_Work request_
In the listing below, count the lines that contain the string "UNSPECIFIED", and state that number without further words.
----
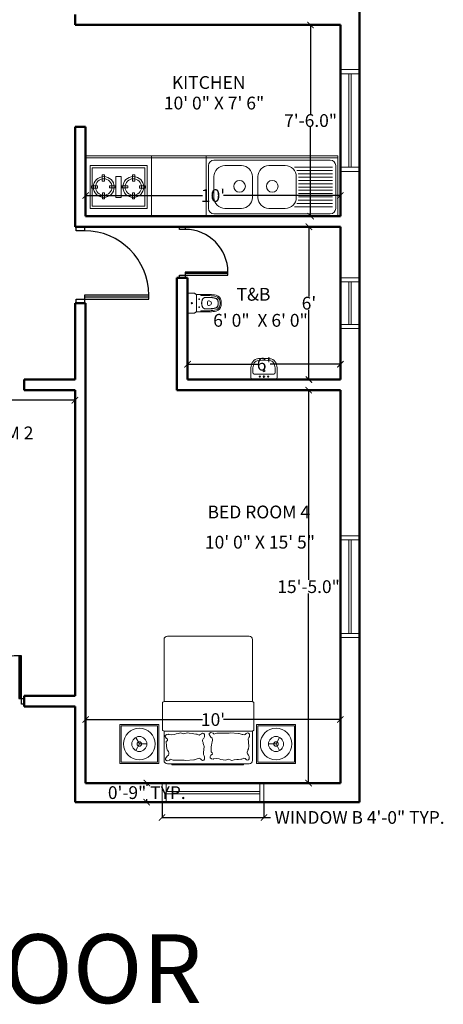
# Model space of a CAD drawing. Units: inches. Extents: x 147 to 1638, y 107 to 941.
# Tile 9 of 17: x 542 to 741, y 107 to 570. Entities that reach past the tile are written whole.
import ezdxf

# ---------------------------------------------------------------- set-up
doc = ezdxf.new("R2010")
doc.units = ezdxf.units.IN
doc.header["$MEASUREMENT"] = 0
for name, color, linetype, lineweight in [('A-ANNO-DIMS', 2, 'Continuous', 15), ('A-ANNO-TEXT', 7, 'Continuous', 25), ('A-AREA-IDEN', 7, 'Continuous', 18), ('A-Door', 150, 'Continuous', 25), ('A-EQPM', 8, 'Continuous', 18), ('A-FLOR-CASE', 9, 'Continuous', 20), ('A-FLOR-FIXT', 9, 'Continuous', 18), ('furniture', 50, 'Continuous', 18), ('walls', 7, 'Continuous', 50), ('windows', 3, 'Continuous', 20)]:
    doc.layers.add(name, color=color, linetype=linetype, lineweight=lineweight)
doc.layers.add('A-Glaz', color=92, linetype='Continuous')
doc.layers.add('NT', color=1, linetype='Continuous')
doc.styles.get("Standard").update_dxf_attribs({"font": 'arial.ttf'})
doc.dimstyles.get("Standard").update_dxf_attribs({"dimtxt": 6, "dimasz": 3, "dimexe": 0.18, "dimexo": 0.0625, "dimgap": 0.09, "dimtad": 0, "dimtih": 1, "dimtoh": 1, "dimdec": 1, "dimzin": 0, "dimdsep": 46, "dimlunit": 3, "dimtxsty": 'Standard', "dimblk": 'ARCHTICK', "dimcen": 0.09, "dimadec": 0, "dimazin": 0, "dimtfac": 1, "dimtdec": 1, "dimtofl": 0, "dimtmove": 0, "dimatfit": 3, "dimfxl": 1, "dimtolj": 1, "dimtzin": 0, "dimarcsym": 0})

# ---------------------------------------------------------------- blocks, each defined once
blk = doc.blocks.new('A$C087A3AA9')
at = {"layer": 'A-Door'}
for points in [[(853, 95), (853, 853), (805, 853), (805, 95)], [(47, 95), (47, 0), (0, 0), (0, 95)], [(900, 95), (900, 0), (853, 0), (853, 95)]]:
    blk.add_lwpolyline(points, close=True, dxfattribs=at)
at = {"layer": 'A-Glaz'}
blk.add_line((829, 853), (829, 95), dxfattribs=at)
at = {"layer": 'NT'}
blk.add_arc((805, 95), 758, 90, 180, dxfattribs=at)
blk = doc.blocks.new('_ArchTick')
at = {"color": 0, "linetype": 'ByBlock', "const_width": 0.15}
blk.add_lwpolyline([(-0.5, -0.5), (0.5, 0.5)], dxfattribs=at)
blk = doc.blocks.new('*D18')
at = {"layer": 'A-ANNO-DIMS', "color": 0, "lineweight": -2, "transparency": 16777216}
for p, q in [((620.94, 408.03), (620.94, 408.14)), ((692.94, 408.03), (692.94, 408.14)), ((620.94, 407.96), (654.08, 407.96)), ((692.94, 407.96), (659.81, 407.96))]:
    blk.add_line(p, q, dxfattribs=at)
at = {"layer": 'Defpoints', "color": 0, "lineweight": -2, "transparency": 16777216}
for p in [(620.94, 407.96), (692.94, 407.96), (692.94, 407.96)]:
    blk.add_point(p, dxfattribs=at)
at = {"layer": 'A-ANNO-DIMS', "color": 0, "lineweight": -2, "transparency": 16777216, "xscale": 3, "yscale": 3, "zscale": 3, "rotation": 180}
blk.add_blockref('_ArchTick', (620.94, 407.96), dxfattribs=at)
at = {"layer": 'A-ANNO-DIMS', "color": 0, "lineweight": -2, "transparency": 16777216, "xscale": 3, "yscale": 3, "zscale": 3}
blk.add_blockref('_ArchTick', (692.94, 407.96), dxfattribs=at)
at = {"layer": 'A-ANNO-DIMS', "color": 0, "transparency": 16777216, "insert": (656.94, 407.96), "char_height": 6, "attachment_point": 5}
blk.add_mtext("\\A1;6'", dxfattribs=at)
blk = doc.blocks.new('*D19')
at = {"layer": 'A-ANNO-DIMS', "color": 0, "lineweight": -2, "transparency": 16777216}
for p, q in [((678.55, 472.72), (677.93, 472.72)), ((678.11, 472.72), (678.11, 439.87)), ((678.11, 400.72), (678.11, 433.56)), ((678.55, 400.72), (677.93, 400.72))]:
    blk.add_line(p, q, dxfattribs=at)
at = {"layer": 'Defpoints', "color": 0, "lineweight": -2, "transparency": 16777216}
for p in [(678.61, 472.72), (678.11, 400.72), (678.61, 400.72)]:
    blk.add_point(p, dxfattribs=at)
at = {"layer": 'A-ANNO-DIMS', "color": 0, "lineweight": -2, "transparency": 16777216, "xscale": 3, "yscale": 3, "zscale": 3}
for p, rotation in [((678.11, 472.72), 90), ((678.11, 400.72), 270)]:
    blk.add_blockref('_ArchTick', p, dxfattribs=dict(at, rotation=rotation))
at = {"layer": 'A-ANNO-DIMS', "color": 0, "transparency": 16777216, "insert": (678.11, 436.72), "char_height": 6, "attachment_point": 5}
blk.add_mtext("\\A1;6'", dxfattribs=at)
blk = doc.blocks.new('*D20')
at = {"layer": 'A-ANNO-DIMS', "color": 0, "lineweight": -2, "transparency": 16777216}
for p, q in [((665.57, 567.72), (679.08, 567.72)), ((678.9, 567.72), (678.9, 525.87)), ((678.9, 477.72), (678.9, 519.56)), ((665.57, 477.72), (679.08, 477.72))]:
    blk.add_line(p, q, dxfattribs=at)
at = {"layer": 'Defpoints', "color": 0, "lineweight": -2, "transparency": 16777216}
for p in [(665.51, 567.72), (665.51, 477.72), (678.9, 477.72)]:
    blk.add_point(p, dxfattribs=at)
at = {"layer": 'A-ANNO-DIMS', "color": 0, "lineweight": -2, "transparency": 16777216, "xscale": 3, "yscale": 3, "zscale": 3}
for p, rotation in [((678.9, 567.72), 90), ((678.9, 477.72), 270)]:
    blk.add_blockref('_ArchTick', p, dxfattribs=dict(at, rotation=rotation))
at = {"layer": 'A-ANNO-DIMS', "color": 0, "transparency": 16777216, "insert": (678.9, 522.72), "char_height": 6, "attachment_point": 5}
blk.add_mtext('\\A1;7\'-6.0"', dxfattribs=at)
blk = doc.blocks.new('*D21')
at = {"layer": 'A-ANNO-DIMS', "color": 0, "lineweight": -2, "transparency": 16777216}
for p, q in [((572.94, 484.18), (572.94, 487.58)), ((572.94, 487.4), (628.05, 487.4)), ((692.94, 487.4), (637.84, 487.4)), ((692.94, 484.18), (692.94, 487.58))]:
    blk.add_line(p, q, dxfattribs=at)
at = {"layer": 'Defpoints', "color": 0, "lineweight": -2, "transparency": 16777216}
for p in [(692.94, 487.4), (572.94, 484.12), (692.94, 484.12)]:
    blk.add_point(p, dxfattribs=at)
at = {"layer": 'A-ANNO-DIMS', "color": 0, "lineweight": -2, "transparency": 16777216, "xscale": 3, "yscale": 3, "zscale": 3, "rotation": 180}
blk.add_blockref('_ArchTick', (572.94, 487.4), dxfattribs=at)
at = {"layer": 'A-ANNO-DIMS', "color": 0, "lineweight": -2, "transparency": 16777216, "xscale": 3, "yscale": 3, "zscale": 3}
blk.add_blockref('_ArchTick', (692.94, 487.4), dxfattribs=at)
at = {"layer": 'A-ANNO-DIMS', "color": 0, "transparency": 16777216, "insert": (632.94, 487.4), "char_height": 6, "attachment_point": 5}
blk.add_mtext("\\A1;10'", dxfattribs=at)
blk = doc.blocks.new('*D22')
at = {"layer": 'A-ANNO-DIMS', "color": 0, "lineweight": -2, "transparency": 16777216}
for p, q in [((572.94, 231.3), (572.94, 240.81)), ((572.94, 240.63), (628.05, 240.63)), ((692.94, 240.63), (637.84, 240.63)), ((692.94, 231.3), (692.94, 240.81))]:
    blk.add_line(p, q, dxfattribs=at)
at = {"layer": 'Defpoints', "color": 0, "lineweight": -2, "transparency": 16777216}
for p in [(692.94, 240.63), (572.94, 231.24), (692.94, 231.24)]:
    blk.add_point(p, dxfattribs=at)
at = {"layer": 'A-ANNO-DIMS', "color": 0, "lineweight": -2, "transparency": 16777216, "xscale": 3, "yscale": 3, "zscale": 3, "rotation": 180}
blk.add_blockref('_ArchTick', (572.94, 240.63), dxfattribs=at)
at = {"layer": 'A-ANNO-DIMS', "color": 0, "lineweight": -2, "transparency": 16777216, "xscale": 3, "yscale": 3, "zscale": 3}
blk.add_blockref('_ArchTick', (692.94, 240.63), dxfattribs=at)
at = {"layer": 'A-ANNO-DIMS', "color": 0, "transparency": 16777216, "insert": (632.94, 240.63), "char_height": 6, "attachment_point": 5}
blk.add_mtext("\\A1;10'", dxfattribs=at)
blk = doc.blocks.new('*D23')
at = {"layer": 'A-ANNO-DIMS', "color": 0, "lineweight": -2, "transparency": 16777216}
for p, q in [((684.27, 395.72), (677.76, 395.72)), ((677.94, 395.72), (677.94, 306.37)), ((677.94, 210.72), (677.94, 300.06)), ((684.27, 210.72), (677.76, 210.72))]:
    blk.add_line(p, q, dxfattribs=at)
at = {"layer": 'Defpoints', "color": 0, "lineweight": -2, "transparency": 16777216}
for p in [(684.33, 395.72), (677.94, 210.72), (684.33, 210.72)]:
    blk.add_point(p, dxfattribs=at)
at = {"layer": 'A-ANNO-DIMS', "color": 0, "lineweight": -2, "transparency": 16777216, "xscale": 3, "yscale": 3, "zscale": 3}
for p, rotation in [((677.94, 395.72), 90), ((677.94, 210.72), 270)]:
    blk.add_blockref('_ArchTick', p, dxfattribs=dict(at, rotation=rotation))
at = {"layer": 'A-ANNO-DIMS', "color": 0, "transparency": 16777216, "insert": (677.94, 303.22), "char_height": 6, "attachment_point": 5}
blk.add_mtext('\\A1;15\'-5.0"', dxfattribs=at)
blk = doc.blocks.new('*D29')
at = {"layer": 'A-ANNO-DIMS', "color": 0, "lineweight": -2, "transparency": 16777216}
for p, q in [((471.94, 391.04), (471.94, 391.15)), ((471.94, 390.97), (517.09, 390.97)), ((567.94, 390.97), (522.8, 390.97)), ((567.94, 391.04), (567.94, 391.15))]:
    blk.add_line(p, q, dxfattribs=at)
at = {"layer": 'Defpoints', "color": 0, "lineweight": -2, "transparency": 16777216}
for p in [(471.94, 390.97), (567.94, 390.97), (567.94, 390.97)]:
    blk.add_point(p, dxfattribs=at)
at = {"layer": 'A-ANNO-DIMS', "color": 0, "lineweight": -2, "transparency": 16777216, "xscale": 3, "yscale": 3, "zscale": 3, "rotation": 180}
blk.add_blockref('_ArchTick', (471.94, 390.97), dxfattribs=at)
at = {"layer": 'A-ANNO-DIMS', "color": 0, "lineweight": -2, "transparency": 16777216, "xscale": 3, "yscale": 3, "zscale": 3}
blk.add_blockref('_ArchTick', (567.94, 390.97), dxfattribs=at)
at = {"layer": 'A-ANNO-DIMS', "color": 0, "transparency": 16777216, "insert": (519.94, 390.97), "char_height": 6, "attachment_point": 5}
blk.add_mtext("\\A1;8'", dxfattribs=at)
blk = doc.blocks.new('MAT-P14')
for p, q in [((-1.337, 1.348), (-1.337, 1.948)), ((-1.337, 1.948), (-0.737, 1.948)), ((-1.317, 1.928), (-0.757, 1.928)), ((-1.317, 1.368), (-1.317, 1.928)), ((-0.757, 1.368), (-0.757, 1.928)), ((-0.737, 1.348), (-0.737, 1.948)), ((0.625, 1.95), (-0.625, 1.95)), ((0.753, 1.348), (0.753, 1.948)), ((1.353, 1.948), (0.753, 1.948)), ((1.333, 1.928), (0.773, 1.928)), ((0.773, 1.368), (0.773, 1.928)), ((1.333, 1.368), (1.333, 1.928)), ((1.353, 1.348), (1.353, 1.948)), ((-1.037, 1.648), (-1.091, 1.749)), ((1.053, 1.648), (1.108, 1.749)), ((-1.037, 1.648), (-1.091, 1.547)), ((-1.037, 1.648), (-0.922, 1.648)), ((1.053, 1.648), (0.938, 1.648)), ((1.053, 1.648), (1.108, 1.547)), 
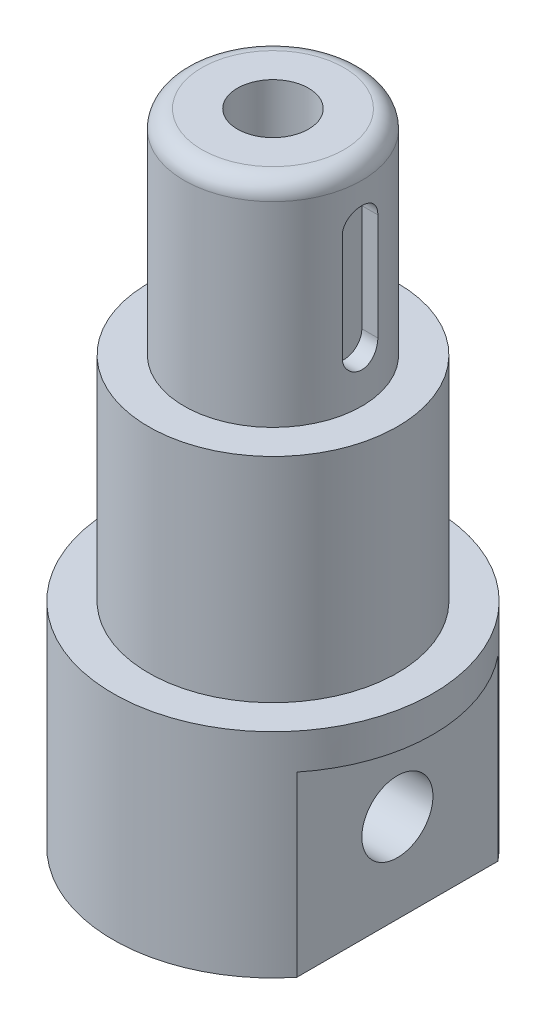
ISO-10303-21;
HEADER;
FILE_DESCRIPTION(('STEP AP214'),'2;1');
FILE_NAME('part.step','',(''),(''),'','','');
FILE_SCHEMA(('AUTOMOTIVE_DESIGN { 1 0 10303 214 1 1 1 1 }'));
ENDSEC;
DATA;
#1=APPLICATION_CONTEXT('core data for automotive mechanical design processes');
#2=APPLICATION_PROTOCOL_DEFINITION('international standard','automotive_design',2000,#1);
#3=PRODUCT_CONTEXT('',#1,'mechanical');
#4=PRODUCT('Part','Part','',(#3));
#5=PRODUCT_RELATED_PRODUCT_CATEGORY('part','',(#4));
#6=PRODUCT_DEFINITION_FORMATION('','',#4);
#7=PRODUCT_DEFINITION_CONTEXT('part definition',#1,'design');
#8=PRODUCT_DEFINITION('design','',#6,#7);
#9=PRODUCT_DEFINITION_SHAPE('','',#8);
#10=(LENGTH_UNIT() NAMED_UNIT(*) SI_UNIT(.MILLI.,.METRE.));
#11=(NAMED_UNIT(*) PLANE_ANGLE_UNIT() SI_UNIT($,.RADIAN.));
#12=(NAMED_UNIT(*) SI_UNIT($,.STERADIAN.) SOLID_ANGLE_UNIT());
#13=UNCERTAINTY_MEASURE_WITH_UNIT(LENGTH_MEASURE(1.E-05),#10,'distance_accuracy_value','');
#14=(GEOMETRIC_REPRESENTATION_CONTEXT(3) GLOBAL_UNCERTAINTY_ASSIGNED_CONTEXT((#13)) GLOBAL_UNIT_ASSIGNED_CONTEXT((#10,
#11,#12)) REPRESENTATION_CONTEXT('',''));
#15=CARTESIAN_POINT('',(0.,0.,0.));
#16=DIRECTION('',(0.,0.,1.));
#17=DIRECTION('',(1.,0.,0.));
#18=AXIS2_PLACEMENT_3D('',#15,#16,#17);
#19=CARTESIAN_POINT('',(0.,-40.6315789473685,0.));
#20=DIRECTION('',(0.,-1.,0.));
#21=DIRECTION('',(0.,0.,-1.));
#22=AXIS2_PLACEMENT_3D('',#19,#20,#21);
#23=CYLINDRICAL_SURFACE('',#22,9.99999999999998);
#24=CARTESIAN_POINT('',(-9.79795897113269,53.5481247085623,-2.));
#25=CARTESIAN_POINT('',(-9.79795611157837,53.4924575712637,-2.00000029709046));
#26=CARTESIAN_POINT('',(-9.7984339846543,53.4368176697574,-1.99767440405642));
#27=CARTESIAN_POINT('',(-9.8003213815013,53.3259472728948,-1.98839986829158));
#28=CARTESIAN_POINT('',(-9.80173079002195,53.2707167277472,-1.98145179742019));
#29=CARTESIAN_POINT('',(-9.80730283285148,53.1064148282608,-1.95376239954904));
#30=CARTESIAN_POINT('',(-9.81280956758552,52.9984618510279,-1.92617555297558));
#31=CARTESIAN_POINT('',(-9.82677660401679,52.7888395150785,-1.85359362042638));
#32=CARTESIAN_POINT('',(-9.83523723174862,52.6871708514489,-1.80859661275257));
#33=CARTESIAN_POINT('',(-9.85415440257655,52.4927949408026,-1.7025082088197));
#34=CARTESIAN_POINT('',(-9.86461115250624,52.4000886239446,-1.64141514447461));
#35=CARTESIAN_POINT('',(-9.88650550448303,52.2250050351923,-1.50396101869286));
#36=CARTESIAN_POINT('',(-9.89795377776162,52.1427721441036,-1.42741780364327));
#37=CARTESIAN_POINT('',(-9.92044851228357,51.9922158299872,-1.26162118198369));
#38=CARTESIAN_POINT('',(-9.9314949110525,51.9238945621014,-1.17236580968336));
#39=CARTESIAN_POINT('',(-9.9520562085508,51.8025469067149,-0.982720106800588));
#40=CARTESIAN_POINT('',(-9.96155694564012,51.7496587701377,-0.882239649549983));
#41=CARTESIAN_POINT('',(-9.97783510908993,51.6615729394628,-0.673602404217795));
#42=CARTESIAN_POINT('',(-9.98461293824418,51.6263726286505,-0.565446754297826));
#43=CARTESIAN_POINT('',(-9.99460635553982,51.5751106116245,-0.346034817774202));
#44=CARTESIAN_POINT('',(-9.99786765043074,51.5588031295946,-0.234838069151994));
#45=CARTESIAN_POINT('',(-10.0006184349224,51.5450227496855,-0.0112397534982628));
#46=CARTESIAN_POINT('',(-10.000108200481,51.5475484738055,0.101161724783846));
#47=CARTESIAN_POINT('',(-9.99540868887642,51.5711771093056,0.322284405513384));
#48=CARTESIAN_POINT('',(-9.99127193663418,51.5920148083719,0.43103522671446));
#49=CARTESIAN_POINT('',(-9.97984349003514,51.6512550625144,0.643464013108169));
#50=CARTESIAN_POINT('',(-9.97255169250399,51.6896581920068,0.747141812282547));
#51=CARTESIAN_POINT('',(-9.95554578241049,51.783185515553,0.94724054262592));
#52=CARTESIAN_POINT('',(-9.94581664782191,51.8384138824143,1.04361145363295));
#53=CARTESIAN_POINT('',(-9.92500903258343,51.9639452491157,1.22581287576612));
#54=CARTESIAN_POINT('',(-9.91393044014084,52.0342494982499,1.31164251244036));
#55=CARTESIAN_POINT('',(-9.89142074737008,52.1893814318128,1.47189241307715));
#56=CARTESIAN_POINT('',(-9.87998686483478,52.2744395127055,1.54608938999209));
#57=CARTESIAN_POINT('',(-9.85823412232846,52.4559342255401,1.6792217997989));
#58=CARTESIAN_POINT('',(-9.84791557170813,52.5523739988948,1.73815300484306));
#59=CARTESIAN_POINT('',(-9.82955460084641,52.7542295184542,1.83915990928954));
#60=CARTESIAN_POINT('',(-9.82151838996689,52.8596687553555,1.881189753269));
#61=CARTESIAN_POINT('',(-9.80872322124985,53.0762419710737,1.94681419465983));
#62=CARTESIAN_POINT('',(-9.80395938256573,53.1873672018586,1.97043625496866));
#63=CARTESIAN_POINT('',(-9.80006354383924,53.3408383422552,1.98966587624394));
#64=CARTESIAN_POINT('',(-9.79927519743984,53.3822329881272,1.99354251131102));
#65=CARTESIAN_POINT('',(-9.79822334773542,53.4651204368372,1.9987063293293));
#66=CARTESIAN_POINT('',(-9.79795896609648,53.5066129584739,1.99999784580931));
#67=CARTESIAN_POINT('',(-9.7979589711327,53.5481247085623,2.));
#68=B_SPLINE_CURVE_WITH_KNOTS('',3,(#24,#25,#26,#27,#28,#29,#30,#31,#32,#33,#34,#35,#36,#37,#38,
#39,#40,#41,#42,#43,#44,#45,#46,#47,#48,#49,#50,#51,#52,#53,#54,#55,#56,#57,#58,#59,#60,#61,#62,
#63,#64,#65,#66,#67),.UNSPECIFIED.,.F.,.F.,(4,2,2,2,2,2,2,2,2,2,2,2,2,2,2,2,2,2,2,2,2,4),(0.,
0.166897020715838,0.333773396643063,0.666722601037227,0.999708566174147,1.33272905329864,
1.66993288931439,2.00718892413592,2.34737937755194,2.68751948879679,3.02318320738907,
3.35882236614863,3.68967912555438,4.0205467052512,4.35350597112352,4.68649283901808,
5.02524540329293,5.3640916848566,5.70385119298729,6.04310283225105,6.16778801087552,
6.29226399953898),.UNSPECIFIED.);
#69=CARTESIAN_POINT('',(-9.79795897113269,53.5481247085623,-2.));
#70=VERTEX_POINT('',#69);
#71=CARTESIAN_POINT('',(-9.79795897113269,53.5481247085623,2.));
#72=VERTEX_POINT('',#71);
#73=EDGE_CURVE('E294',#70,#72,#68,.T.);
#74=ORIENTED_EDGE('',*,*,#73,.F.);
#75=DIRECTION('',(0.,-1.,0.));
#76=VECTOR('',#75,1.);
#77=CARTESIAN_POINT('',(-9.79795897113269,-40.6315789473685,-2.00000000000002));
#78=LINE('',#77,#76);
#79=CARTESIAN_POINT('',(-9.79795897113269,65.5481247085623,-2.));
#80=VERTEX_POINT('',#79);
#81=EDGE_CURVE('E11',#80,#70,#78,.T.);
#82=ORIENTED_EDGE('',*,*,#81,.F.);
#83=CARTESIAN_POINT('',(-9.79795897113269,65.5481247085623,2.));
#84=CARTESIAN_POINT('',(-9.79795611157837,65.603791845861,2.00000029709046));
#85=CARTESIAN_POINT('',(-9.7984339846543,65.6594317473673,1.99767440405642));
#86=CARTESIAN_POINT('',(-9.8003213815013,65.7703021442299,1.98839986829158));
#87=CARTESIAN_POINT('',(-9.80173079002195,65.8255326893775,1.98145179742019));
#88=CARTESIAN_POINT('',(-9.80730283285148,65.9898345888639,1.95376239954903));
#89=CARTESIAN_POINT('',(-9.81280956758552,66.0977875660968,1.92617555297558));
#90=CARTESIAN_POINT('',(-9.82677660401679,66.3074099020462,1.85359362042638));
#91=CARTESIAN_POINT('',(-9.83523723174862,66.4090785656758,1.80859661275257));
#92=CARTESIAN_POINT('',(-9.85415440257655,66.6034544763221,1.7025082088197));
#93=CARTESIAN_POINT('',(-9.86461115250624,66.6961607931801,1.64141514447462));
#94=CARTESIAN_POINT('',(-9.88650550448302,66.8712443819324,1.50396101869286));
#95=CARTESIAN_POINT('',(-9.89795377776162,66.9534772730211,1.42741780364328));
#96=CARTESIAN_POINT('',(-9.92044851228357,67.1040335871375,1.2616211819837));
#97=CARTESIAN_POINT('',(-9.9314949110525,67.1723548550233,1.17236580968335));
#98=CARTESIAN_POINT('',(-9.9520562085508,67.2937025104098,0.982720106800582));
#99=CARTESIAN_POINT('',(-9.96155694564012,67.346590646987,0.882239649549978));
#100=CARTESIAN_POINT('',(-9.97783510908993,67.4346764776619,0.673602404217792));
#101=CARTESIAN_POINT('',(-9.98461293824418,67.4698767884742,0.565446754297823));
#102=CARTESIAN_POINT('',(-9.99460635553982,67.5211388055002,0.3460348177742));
----
_Written response_
2